BEGIN THE INPUT

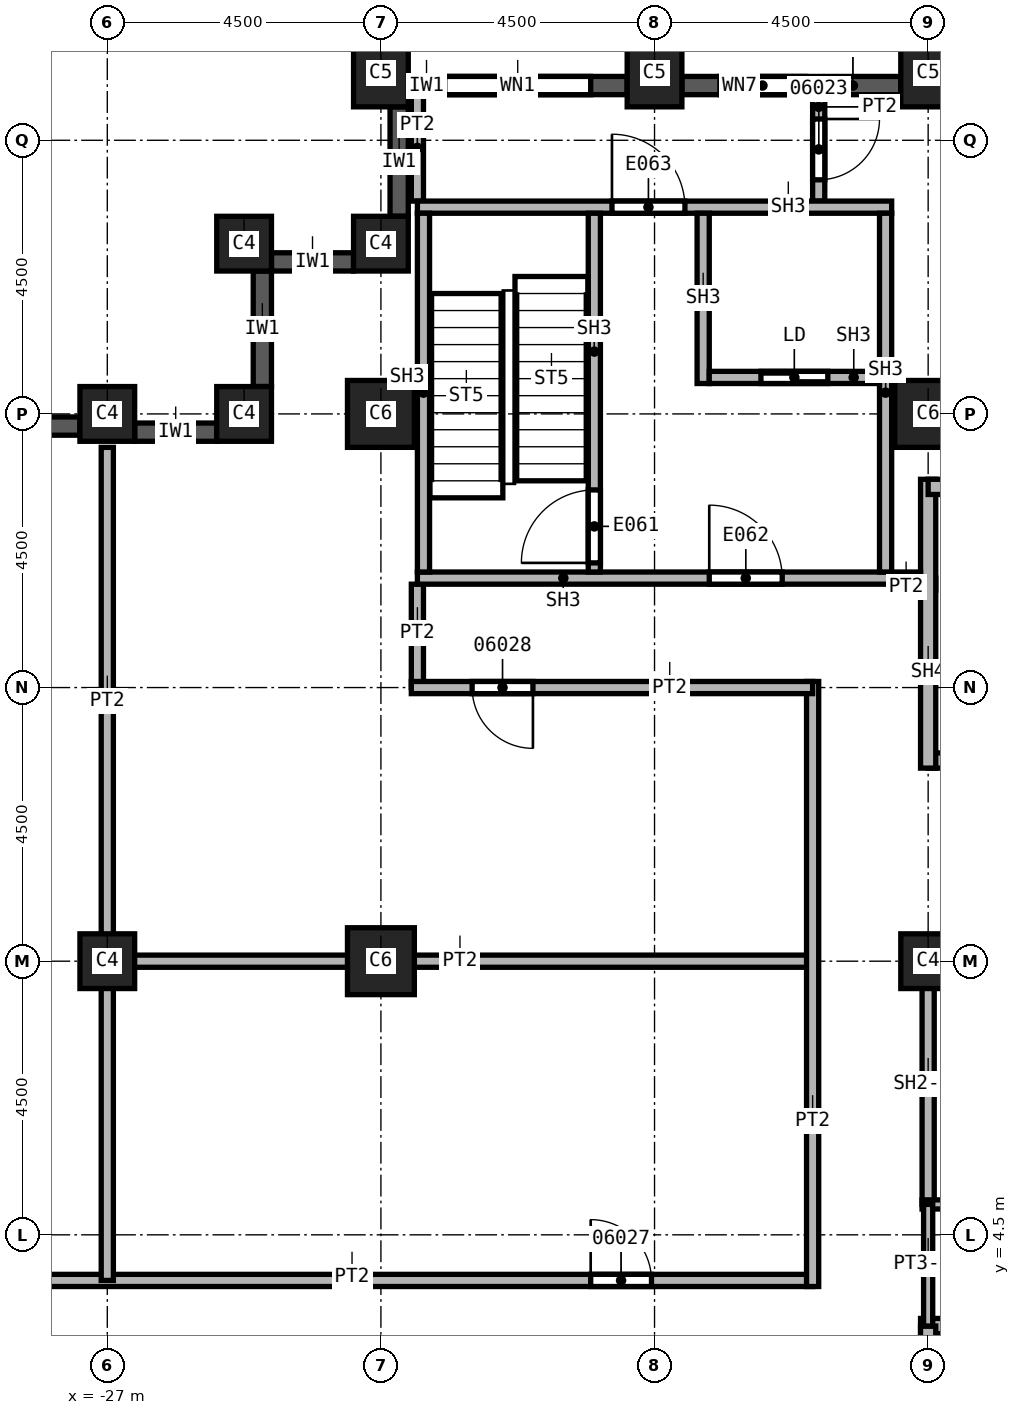
"""IFC4 building model, lengths in metres.
Left out: names, types, materials, properties, quantities, classifications, styles, units other than length and angle.
Written with IfcOpenShell. Run it as: python <this file> out.ifc"""

import sys

from ifc_helpers import new_model, si_unit, direction, frame, frame_2d, origin, origin_2d, place, context, subcontext, project, spatial, rectangle, extrude, element, fill, save


model = new_model("IFC4")
c1 = context("Model", 3, precision=1e-05, world=origin(), true_north=direction((0.0, 1.0)))
c2 = subcontext(c1, "Body", "Model", "MODEL_VIEW")
j1 = project(units=[si_unit("LENGTHUNIT", "METRE"), si_unit("PLANEANGLEUNIT", "RADIAN")], contexts=[c1])
p1 = place(None, origin())
s1 = spatial("IfcSite", under=j1, at=p1, CompositionType="ELEMENT")
p2 = place(p1, origin())
s2 = spatial("IfcBuilding", under=s1, at=p2, CompositionType="ELEMENT")
p3 = place(p2, frame((0.0, 0.0, 130.0)))
s3 = spatial("IfcBuildingStorey", under=s2, at=p3, CompositionType="ELEMENT", Elevation=130.0)
for number, where, z_axis, x_axis in (
    (1, (-13.5, 18.0, 0.0), (0.0, 0.0, 1.0), (1.0, 0.0, 0.0)),
    (2, (-22.5, 9.0, 0.0), (0.0, 0.0, 1.0), (1.0, 0.0, 0.0)),
    (3, (-22.5, 18.0, 0.0), (0.0, 0.0, 1.0), (1.0, 0.0, 0.0)),
):
    element("IfcColumn", number, at=place(p3, frame(where, z_axis=z_axis, x_axis=x_axis)), inside=s3, PredefinedType="COLUMN", context=c2, shape_type="SweptSolid", body=[
        extrude(rectangle(XDim=1.1, YDim=1.1, at=origin_2d()), origin(), (0.0, 0.0, 1.0), 3.7),
    ])
p4 = place(p3, frame((-13.5, 9.0, 0.0), z_axis=(0.0, 0.0, 1.0), x_axis=(1.0, 0.0, 0.0)))
e4 = element("IfcColumn", 4, at=p4, inside=s3, PredefinedType="COLUMN", context=c2, shape_type="SweptSolid", body=[
    extrude(rectangle(XDim=0.9, YDim=0.9, at=origin_2d()), origin(), (0.0, 0.0, 1.0), 3.7),
])
for number, where, z_axis, x_axis in (
    (5, (-13.5, 23.6, 0.0), (0.0, 0.0, 1.0), (1.0, 0.0, 0.0)),
    (6, (-18.0, 23.6, 0.0), (0.0, 0.0, 1.0), (1.0, 0.0, 0.0)),
    (7, (-22.5, 23.6, 0.0), (0.0, 0.0, 1.0), (1.0, 0.0, 0.0)),
):
    element("IfcColumn", number, at=place(p3, frame(where, z_axis=z_axis, x_axis=x_axis)), inside=s3, PredefinedType="COLUMN", context=c2, shape_type="SweptSolid", body=[
        extrude(rectangle(XDim=0.9, YDim=1.1, at=origin_2d()), origin(), (0.0, 0.0, 1.0), 3.7),
    ])
for number, where, z_axis, x_axis in (
    (8, (-27.0, 9.0, 0.0), (0.0, 0.0, 1.0), (1.0, 0.0, 0.0)),
    (9, (-27.0, 18.0, 0.0), (0.0, 0.0, 1.0), (1.0, 0.0, 0.0)),
    (10, (-22.5, 20.8, 0.0), (0.0, 0.0, 1.0), (1.0, 0.0, 0.0)),
    (11, (-24.75, 20.8, 0.0), (0.0, 0.0, 1.0), (1.0, 0.0, 0.0)),
    (12, (-24.75, 18.0, 0.0), (0.0, 0.0, 1.0), (1.0, 0.0, 0.0)),
):
    element("IfcColumn", number, at=place(p3, frame(where, z_axis=z_axis, x_axis=x_axis)), inside=s3, PredefinedType="COLUMN", context=c2, shape_type="SweptSolid", body=[
        extrude(rectangle(XDim=0.9, YDim=0.9, at=origin_2d()), origin(), (0.0, 0.0, 1.0), 3.7),
    ])
p5 = place(p3, frame((-22.2, 23.05, 0.0), z_axis=(0.0, 0.0, 1.0), x_axis=(0.0, -1.0, 0.0)))
e13 = element("IfcWall", 13, at=p5, inside=s3, PredefinedType="SOLIDWALL", context=c2, shape_type="SweptSolid", body=[
    extrude(rectangle(XDim=1.8, YDim=0.3, at=frame_2d((0.9, 0.0))), origin(), (0.0, 0.0, 1.0), 3.1),
])
p6 = place(p3, frame((-22.95, 20.5, 0.0), z_axis=(0.0, 0.0, 1.0), x_axis=(-1.0, 0.0, 0.0)))
e14 = element("IfcWall", 14, at=p6, inside=s3, PredefinedType="SOLIDWALL", context=c2, shape_type="SweptSolid", body=[
    extrude(rectangle(XDim=1.35, YDim=0.3, at=frame_2d((0.675, 0.0))), origin(), (0.0, 0.0, 1.0), 3.1),
])
p7 = place(p3, frame((-24.45, 20.35, 0.0), z_axis=(0.0, 0.0, 1.0), x_axis=(0.0, -1.0, 0.0)))
e15 = element("IfcWall", 15, at=p7, inside=s3, PredefinedType="SOLIDWALL", context=c2, shape_type="SweptSolid", body=[
    extrude(rectangle(XDim=1.9, YDim=0.3, at=frame_2d((0.95, 0.0))), origin(), (0.0, 0.0, 1.0), 3.1),
])
p8 = place(p3, frame((-25.2, 17.7, 0.0), z_axis=(0.0, 0.0, 1.0), x_axis=(-1.0, 0.0, 0.0)))
e16 = element("IfcWall", 16, at=p8, inside=s3, PredefinedType="SOLIDWALL", context=c2, shape_type="SweptSolid", body=[
    extrude(rectangle(XDim=1.35, YDim=0.3, at=frame_2d((0.675, 0.0))), origin(), (0.0, 0.0, 1.0), 3.1),
])
p9 = place(p3, frame((-27.45, 17.8, 0.0), z_axis=(0.0, 0.0, 1.0), x_axis=(-1.0, 0.0, 0.0)))
e17 = element("IfcWall", 17, at=p9, inside=s3, PredefinedType="SOLIDWALL", context=c2, shape_type="SweptSolid", body=[
    extrude(rectangle(XDim=3.6, YDim=0.3, at=frame_2d((1.8, 0.0))), origin(), (0.0, 0.0, 1.0), 3.1),
])
p10 = place(p9, frame((0.6, 0.0, 0.8)))
e18 = element("IfcOpeningElement", 18, at=p10, cuts=e17, PredefinedType="OPENING", context=c2, shape_type="SweptSolid", body=[
    extrude(rectangle(XDim=2.4, YDim=1.95, at=frame_2d((1.2, 0.975))), frame((0.0, 0.15, 0.0), z_axis=(0.0, -1.0, 0.0), x_axis=(1.0, 0.0, 0.0)), (0.0, 0.0, 1.0), 0.3),
])
p11 = place(p3, frame((-13.95, 23.4, 0.0), z_axis=(0.0, 0.0, 1.0), x_axis=(-1.0, 0.0, 0.0)))
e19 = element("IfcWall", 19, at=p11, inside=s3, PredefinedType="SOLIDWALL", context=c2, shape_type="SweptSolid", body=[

END THE INPUT

→ WHAT YOU HAVE TO DO
If a line of the data contains "under", copy it out.

→ REPLY
s1 = spatial("IfcSite", under=j1, at=p1, CompositionType="ELEMENT")
s2 = spatial("IfcBuilding", under=s1, at=p2, CompositionType="ELEMENT")
s3 = spatial("IfcBuildingStorey", under=s2, at=p3, CompositionType="ELEMENT", Elevation=130.0)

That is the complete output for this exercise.